++++ ENTRIES PROVIDED

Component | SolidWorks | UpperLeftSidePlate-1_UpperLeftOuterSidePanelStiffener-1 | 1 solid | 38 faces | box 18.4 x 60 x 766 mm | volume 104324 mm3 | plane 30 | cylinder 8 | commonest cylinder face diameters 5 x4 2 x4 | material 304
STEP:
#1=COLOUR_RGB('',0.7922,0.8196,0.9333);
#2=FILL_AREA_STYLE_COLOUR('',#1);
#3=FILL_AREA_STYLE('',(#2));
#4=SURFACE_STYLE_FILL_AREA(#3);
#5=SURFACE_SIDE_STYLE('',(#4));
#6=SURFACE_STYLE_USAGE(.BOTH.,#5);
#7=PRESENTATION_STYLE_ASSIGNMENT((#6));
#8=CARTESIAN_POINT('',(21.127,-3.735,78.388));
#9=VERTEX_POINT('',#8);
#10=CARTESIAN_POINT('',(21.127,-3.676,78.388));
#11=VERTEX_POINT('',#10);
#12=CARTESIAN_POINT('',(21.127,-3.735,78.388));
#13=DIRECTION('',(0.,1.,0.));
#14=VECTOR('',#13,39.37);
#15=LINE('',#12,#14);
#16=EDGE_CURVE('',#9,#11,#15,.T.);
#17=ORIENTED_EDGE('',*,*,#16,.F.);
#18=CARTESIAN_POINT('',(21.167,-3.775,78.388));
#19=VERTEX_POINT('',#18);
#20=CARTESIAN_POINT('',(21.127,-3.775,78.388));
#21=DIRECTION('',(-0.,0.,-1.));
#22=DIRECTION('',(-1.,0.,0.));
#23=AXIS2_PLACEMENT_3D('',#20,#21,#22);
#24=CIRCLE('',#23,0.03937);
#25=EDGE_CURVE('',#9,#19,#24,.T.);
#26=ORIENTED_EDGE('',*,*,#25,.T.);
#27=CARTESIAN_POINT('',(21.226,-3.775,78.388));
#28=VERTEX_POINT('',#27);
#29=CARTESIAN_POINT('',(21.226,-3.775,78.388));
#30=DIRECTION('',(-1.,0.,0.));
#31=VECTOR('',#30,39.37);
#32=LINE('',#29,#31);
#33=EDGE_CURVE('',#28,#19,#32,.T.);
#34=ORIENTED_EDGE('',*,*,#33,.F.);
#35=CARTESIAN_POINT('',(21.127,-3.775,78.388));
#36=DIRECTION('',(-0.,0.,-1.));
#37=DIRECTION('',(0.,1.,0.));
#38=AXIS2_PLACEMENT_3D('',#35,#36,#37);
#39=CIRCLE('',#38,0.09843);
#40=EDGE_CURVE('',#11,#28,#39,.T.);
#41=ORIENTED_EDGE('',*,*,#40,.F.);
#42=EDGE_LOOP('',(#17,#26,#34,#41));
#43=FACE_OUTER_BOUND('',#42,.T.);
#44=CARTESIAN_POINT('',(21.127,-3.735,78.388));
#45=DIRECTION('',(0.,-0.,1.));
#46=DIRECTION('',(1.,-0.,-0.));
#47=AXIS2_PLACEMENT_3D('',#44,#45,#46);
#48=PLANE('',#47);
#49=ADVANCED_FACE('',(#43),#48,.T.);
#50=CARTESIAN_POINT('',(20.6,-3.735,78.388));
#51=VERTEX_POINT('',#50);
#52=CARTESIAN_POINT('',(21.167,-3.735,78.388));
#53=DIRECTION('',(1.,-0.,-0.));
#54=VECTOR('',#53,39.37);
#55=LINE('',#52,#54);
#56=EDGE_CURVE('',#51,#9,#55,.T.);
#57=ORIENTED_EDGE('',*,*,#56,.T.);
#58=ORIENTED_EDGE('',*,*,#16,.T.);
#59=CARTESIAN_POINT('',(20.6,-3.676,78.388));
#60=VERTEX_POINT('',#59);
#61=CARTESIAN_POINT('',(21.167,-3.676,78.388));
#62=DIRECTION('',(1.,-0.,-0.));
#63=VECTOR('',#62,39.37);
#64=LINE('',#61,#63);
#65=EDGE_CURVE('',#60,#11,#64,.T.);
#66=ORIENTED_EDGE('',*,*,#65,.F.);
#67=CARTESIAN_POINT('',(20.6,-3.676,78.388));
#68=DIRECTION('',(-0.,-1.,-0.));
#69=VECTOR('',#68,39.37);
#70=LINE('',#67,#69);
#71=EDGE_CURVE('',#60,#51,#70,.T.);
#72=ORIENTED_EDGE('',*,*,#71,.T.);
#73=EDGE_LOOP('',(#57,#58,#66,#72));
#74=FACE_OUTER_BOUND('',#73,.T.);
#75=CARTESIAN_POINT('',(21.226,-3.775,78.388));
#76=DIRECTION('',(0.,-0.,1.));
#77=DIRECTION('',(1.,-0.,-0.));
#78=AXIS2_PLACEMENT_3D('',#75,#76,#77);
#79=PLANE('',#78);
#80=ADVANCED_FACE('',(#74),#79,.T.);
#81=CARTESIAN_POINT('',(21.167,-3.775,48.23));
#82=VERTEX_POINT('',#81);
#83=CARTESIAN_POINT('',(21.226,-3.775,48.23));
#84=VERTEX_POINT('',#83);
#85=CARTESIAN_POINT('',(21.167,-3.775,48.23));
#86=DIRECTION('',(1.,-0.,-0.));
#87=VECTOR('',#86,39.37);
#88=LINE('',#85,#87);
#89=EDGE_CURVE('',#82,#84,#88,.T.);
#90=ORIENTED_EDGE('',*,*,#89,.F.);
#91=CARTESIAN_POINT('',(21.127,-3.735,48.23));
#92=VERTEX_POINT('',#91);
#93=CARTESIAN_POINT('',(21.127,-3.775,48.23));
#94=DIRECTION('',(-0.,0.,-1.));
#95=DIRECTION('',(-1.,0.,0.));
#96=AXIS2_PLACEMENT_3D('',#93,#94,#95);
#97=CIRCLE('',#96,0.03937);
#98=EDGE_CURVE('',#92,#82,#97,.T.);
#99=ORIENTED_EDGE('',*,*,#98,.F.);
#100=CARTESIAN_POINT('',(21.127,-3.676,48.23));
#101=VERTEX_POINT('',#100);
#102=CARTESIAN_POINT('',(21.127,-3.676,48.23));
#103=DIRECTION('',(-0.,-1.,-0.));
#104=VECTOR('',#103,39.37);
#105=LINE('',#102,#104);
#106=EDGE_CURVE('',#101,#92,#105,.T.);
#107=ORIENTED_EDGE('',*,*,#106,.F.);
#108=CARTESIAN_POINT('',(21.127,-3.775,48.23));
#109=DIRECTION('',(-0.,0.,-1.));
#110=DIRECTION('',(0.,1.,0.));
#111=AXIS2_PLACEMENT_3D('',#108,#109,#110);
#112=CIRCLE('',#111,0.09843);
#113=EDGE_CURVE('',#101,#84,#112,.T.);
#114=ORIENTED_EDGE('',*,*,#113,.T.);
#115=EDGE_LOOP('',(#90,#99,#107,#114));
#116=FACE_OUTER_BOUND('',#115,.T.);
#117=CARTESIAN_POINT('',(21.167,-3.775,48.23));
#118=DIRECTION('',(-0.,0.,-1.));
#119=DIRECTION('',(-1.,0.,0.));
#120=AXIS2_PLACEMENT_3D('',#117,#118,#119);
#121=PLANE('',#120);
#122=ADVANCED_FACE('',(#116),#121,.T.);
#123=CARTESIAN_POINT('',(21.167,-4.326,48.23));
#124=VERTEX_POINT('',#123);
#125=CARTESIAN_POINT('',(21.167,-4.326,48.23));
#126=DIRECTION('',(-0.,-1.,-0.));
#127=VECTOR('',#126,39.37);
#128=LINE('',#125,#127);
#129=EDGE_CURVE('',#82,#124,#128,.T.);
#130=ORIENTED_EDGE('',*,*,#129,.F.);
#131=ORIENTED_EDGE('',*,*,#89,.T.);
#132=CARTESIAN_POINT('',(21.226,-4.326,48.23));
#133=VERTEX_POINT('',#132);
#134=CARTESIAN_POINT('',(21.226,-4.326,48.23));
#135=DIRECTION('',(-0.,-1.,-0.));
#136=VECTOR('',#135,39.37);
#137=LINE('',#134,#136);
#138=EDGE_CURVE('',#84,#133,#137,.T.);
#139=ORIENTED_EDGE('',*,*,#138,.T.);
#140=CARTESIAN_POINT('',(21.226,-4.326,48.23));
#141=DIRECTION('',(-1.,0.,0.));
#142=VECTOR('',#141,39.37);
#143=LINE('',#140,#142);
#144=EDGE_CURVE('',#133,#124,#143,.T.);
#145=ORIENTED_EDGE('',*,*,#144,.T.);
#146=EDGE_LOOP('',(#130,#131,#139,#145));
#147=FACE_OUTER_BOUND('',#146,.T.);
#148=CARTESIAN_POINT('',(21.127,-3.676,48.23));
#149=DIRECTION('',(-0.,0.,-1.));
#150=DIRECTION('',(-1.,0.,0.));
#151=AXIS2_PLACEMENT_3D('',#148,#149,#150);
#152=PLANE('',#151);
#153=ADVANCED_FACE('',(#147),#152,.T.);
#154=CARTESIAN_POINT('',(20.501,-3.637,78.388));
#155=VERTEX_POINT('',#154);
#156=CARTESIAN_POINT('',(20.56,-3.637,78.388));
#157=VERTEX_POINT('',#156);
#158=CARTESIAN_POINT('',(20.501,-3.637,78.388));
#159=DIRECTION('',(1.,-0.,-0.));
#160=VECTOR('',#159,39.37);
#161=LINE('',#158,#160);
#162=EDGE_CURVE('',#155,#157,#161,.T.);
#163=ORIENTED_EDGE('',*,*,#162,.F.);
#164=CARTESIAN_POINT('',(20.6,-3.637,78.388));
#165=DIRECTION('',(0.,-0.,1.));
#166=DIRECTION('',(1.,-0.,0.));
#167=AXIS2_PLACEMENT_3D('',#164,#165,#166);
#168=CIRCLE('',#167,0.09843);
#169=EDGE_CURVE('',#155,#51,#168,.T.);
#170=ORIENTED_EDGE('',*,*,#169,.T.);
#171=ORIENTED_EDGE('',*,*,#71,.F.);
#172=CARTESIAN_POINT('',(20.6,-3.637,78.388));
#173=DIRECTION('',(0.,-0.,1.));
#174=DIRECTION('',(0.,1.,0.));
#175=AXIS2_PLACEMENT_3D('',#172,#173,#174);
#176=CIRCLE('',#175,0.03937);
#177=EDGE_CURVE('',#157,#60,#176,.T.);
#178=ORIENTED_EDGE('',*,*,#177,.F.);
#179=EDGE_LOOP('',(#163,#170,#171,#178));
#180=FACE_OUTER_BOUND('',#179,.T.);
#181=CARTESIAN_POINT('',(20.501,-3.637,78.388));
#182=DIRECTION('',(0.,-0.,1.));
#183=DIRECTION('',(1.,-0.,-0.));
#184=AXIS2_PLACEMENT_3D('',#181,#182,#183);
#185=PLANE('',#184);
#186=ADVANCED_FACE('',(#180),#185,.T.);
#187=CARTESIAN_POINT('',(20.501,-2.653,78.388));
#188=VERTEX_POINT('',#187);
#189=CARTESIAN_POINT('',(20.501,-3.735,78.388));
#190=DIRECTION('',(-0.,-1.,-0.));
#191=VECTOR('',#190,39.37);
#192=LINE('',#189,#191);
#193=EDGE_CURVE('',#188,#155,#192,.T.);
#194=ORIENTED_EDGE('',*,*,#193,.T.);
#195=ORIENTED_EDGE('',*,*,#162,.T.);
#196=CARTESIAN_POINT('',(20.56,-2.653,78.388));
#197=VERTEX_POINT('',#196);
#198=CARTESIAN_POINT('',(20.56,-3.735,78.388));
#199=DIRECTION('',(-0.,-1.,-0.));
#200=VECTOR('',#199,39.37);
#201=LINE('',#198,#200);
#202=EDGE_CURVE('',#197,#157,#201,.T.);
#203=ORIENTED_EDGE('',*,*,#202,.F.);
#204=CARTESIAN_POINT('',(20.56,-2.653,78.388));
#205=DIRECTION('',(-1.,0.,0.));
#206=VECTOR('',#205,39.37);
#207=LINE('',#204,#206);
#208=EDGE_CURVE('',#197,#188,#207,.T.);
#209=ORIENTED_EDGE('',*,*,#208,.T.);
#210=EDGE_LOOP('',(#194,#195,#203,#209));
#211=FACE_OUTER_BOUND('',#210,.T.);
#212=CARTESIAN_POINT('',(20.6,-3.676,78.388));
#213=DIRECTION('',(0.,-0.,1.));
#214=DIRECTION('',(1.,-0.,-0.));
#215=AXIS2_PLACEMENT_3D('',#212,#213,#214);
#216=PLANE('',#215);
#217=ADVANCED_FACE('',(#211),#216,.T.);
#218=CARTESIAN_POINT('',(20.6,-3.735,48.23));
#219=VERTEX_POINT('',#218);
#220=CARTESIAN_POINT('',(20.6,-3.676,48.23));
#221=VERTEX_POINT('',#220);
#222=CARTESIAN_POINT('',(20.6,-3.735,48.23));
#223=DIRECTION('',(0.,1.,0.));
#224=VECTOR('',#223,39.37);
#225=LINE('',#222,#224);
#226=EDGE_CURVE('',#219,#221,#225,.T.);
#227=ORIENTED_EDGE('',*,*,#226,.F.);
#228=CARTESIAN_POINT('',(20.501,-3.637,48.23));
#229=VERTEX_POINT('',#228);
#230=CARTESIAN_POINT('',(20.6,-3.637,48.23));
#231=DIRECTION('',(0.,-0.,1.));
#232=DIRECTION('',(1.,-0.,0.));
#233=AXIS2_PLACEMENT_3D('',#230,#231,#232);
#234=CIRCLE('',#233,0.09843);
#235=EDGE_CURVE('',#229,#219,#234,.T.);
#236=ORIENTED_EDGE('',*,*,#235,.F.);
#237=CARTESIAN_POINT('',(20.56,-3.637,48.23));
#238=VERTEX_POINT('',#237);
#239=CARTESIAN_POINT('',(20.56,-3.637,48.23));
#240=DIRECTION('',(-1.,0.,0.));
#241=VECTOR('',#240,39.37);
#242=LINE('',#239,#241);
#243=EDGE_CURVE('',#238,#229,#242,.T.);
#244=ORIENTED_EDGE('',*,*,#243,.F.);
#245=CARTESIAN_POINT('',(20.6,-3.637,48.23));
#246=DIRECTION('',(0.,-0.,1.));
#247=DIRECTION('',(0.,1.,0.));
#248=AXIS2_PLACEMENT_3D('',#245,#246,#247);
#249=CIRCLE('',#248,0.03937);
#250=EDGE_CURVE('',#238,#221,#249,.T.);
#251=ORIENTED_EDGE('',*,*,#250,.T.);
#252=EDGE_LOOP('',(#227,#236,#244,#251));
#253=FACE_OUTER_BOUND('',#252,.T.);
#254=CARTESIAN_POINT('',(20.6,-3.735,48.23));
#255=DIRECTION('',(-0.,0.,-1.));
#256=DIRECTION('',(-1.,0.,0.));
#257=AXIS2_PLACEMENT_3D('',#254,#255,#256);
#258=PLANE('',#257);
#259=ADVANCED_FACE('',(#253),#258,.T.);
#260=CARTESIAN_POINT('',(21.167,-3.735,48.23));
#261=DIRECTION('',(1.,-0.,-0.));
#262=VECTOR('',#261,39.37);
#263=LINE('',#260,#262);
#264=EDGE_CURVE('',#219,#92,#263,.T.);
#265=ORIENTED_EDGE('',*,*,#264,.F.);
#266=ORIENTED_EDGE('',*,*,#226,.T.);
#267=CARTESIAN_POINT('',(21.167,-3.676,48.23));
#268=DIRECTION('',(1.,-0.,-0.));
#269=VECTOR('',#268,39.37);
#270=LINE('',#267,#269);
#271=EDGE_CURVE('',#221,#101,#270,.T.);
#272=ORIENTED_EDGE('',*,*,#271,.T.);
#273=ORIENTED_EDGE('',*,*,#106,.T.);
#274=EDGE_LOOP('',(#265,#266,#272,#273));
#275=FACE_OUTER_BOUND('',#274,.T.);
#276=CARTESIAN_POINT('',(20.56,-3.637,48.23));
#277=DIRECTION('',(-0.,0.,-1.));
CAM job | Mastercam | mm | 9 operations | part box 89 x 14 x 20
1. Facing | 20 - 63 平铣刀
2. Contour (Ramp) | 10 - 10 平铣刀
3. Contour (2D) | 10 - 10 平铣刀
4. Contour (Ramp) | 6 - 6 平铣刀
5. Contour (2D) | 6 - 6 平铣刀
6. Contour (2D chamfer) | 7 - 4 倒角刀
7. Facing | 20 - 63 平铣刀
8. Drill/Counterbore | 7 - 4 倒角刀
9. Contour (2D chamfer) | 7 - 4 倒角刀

++++++++

#### WHAT YOU NEED TO DO
Your task is to transcribe, with no changes, only the lines of the listing above that lie between the line holding "#53=DIRECTION('',(1.,-0.,-0.));" and the line holding "#74=FACE_OUTER_BOUND('',#73,.T.);", inclusive.

#### RESULT
#53=DIRECTION('',(1.,-0.,-0.));
#54=VECTOR('',#53,39.37);
#55=LINE('',#52,#54);
#56=EDGE_CURVE('',#51,#9,#55,.T.);
#57=ORIENTED_EDGE('',*,*,#56,.T.);
#58=ORIENTED_EDGE('',*,*,#16,.T.);
#59=CARTESIAN_POINT('',(20.6,-3.676,78.388));
#60=VERTEX_POINT('',#59);
#61=CARTESIAN_POINT('',(21.167,-3.676,78.388));
#62=DIRECTION('',(1.,-0.,-0.));
#63=VECTOR('',#62,39.37);
#64=LINE('',#61,#63);
#65=EDGE_CURVE('',#60,#11,#64,.T.);
#66=ORIENTED_EDGE('',*,*,#65,.F.);
#67=CARTESIAN_POINT('',(20.6,-3.676,78.388));
#68=DIRECTION('',(-0.,-1.,-0.));
#69=VECTOR('',#68,39.37);
#70=LINE('',#67,#69);
#71=EDGE_CURVE('',#60,#51,#70,.T.);
#72=ORIENTED_EDGE('',*,*,#71,.T.);
#73=EDGE_LOOP('',(#57,#58,#66,#72));
#74=FACE_OUTER_BOUND('',#73,.T.);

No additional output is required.